(Records contained in a dataset)
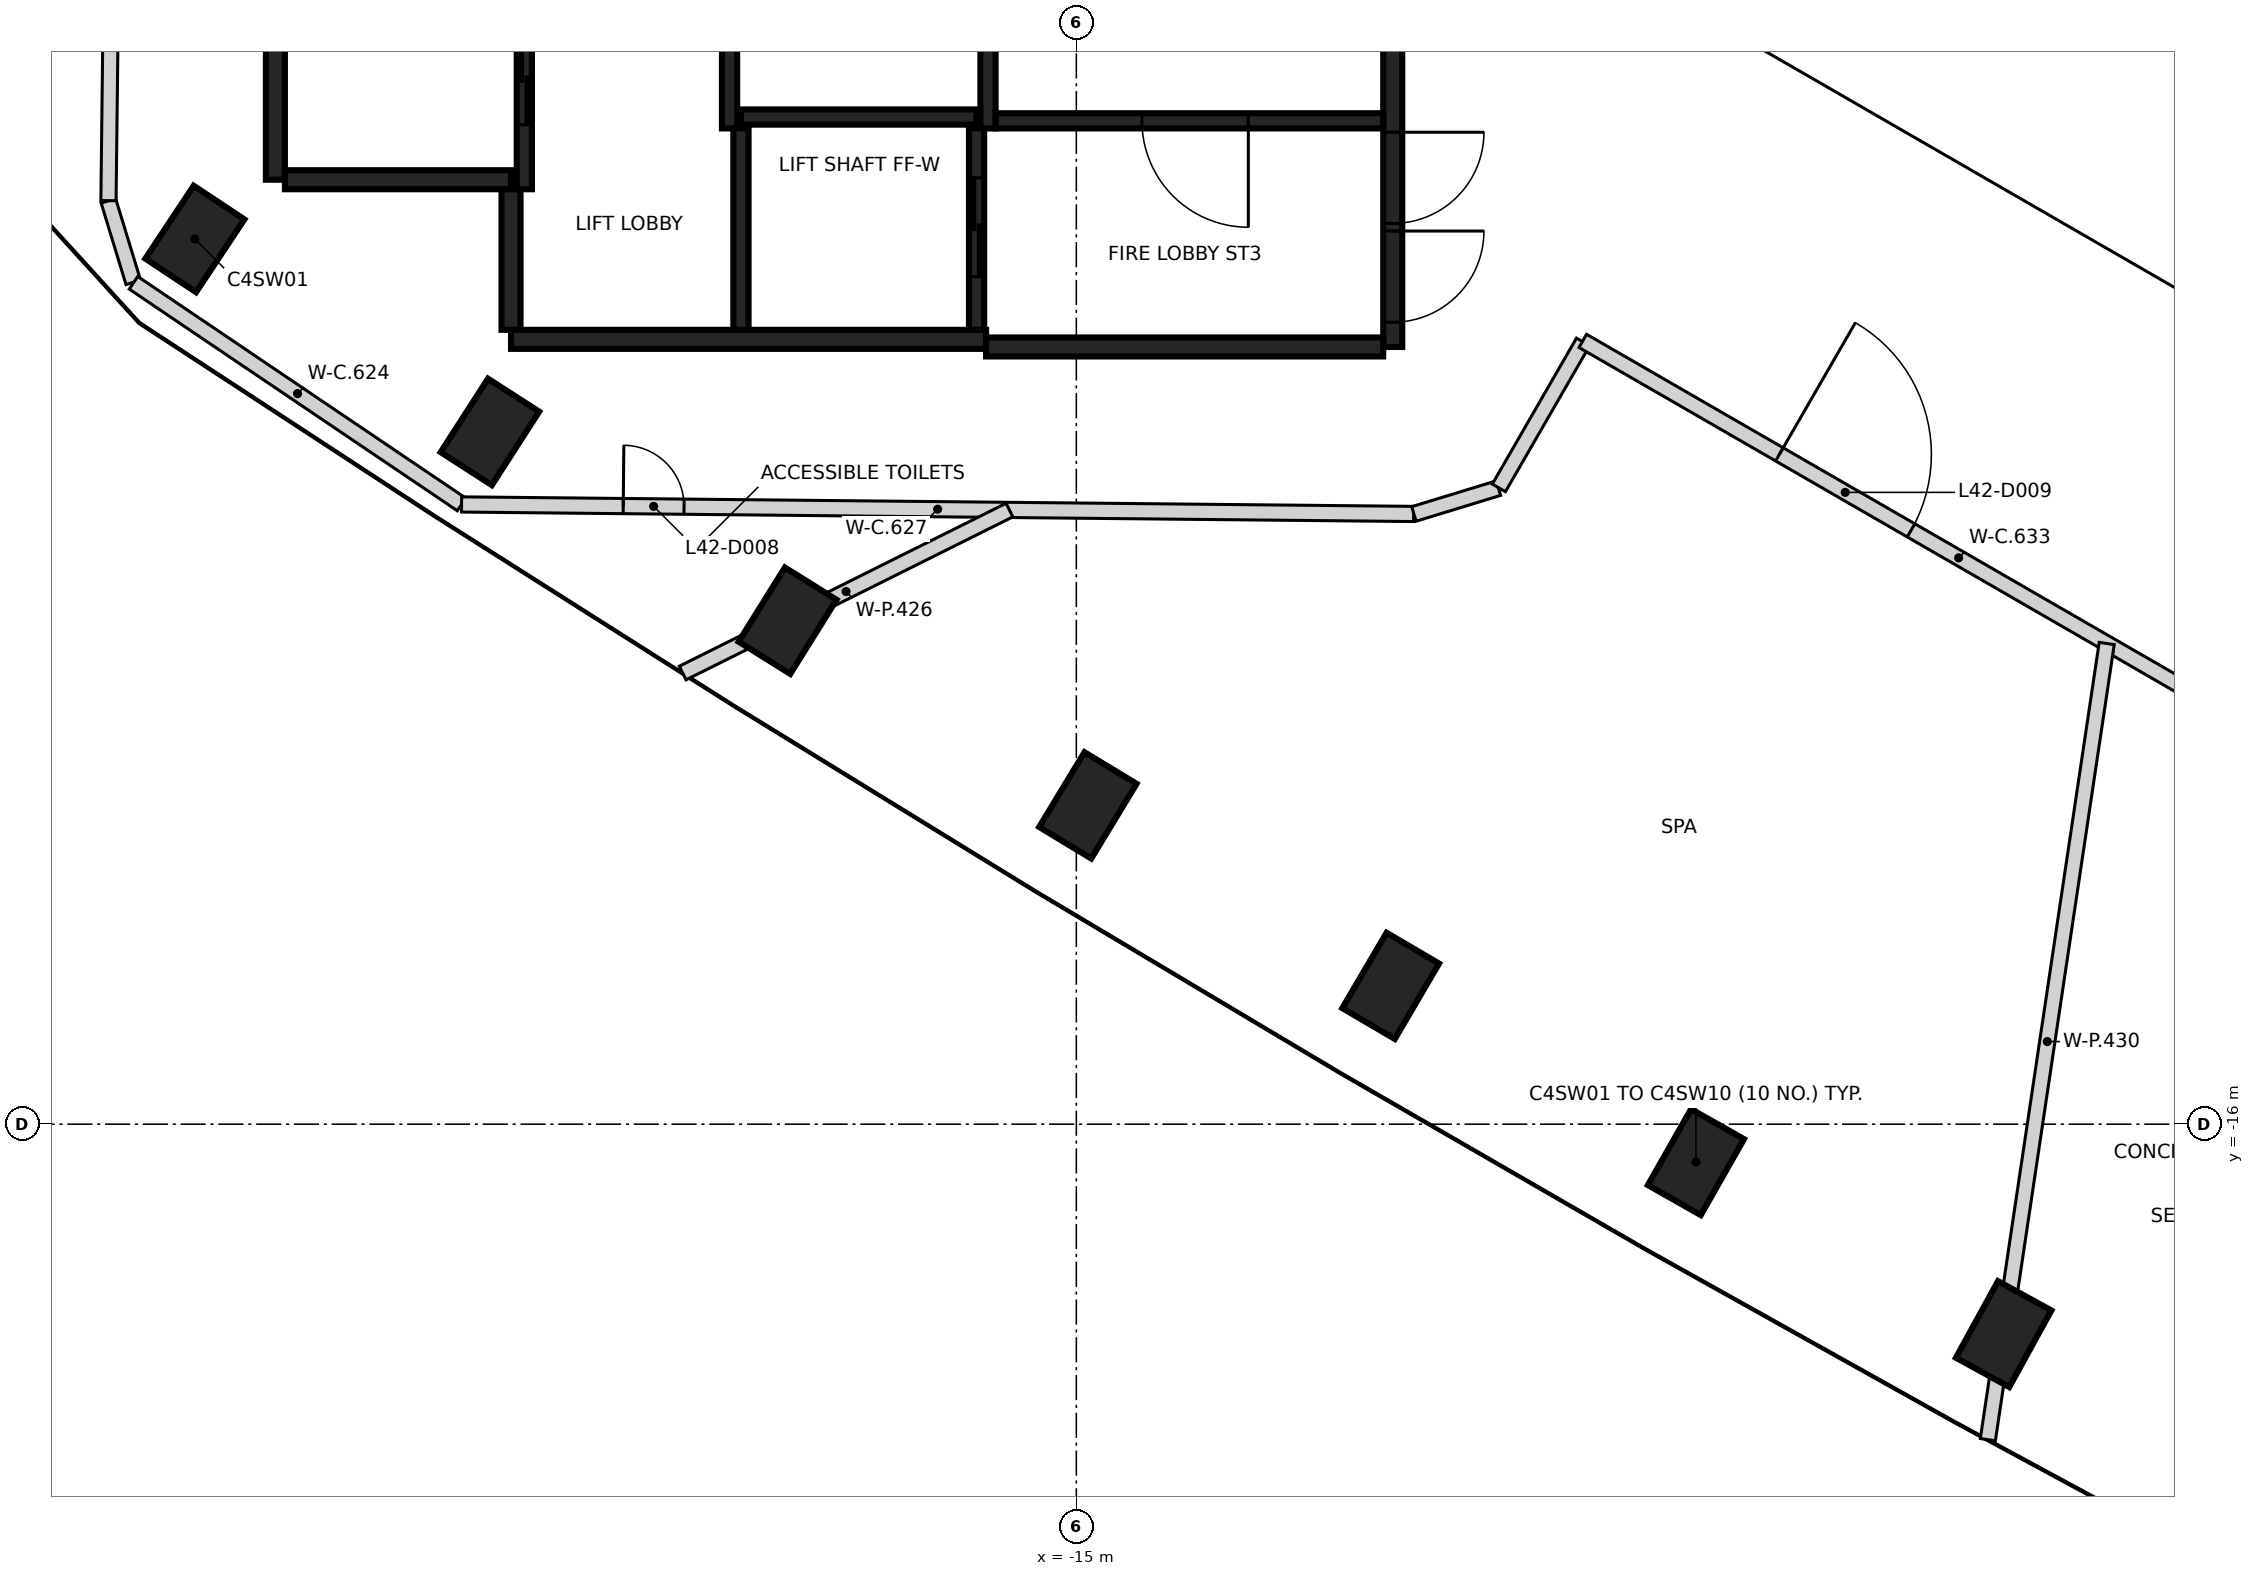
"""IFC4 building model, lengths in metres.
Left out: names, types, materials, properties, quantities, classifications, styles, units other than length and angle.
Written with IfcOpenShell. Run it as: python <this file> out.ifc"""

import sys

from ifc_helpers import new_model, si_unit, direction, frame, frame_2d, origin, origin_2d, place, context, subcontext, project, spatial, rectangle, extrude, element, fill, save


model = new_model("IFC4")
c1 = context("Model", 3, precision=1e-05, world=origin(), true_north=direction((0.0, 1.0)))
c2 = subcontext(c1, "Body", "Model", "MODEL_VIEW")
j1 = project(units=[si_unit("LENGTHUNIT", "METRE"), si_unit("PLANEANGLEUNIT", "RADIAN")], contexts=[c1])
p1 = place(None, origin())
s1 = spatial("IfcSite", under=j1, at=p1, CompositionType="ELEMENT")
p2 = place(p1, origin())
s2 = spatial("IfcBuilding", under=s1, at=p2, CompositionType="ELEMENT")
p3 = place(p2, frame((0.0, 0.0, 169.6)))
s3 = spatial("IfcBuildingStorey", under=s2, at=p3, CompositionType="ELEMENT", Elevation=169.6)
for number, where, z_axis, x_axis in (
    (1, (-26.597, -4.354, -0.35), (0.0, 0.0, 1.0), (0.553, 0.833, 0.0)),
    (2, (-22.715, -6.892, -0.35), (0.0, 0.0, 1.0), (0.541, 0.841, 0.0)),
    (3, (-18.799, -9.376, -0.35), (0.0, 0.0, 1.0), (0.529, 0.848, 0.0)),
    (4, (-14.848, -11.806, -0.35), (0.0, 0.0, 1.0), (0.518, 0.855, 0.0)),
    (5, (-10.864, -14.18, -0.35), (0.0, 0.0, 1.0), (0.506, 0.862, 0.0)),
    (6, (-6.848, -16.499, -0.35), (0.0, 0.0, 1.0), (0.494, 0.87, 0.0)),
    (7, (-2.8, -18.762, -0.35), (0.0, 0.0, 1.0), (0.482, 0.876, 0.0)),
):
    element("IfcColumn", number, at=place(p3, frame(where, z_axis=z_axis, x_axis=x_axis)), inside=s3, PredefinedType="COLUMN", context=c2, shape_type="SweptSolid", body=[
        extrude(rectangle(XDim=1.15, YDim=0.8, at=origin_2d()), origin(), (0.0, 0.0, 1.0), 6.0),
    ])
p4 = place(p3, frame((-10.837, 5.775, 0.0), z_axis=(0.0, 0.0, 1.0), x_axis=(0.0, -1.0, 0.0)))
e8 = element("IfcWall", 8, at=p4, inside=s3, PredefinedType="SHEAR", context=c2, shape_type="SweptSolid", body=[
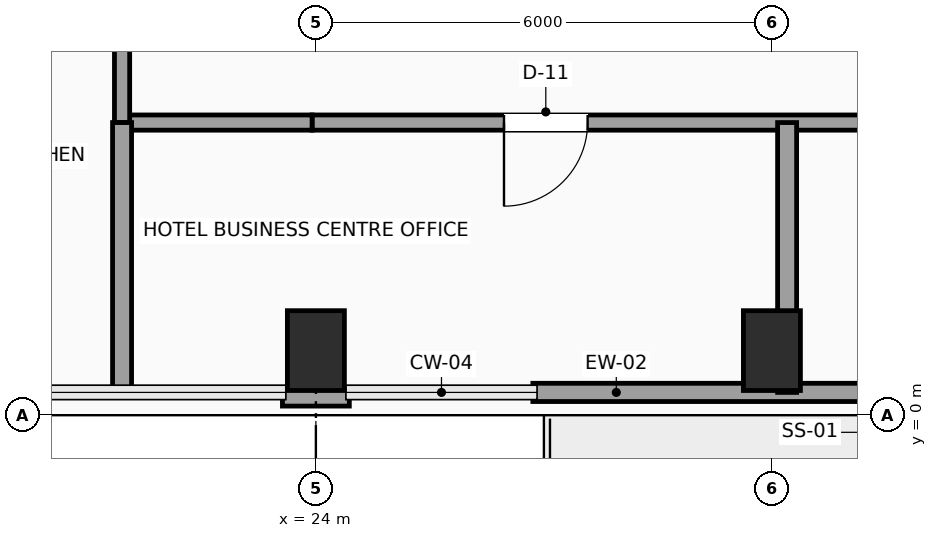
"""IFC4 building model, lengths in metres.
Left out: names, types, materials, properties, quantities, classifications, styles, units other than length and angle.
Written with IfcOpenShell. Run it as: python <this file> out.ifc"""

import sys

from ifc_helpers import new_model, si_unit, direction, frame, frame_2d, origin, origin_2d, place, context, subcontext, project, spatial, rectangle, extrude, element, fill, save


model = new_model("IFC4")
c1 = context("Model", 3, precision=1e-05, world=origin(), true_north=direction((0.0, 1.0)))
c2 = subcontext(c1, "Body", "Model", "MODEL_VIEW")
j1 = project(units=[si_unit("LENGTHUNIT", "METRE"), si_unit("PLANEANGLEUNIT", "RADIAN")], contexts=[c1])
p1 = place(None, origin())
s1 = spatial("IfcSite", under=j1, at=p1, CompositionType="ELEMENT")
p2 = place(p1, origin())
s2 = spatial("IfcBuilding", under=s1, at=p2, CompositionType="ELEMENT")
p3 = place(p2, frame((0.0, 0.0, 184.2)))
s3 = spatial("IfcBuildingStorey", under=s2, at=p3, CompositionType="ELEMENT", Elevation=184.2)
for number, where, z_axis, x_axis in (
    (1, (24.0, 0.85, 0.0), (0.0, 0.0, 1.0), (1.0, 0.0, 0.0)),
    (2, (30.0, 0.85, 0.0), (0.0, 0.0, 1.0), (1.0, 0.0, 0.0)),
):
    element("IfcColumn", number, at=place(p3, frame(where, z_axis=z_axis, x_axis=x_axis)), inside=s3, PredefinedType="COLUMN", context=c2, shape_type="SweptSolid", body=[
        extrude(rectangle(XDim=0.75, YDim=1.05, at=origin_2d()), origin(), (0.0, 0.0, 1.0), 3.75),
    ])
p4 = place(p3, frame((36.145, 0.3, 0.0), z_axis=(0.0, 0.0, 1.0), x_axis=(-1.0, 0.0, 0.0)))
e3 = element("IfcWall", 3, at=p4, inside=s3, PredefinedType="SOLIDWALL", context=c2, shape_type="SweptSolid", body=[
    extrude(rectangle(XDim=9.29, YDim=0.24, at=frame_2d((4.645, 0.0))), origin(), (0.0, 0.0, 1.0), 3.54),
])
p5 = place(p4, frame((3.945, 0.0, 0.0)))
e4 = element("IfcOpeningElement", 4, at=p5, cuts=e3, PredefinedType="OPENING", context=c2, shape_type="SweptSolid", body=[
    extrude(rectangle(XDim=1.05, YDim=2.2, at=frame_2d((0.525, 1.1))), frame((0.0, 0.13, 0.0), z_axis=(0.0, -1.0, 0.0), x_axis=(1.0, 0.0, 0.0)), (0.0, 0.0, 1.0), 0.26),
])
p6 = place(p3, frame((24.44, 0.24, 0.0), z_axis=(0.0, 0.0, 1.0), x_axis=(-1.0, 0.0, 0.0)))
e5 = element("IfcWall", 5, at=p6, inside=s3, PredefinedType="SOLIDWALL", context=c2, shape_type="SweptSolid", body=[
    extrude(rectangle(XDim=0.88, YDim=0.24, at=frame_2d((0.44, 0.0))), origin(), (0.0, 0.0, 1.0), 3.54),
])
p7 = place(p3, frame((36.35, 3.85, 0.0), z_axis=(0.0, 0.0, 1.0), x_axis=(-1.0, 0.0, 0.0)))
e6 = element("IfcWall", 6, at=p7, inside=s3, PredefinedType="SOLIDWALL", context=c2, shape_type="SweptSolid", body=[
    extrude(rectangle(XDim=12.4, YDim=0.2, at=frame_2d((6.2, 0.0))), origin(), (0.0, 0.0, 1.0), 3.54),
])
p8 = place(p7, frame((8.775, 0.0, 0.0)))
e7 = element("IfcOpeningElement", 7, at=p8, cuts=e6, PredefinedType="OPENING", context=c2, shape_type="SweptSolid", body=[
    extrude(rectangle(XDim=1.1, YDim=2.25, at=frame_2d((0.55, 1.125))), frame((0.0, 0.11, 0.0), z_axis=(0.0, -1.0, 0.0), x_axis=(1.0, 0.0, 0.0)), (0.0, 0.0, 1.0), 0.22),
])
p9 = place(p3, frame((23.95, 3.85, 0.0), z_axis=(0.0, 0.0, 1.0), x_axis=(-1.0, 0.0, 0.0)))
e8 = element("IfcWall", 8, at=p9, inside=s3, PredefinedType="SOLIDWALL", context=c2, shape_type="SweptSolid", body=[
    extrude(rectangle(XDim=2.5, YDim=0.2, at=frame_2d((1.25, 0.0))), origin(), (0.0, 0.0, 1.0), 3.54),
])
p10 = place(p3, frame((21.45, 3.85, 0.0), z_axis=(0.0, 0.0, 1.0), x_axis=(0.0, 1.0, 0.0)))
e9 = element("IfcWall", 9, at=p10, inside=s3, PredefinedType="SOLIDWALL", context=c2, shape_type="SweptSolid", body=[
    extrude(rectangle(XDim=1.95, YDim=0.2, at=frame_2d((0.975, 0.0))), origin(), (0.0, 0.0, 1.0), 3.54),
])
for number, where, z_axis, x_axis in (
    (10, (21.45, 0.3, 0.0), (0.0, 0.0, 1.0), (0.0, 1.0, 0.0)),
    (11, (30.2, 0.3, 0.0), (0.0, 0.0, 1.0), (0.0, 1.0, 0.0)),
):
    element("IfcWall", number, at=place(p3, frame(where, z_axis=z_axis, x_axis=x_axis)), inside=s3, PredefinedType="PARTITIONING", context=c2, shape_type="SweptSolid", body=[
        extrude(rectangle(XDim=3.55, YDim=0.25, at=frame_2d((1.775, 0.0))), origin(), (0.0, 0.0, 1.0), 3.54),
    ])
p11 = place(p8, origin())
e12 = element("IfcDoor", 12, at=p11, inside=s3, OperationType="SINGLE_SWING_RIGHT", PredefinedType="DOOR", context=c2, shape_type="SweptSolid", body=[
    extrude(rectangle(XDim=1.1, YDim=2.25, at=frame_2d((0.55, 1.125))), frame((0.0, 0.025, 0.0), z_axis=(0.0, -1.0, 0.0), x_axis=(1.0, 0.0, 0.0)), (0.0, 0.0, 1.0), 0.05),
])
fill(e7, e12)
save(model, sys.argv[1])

:: WORK ORDER ::
Count the lines in the records above that contain the word "SOLIDWALL", and reply with only that number.

:: RESULT OF THIS EXERCISE ::
5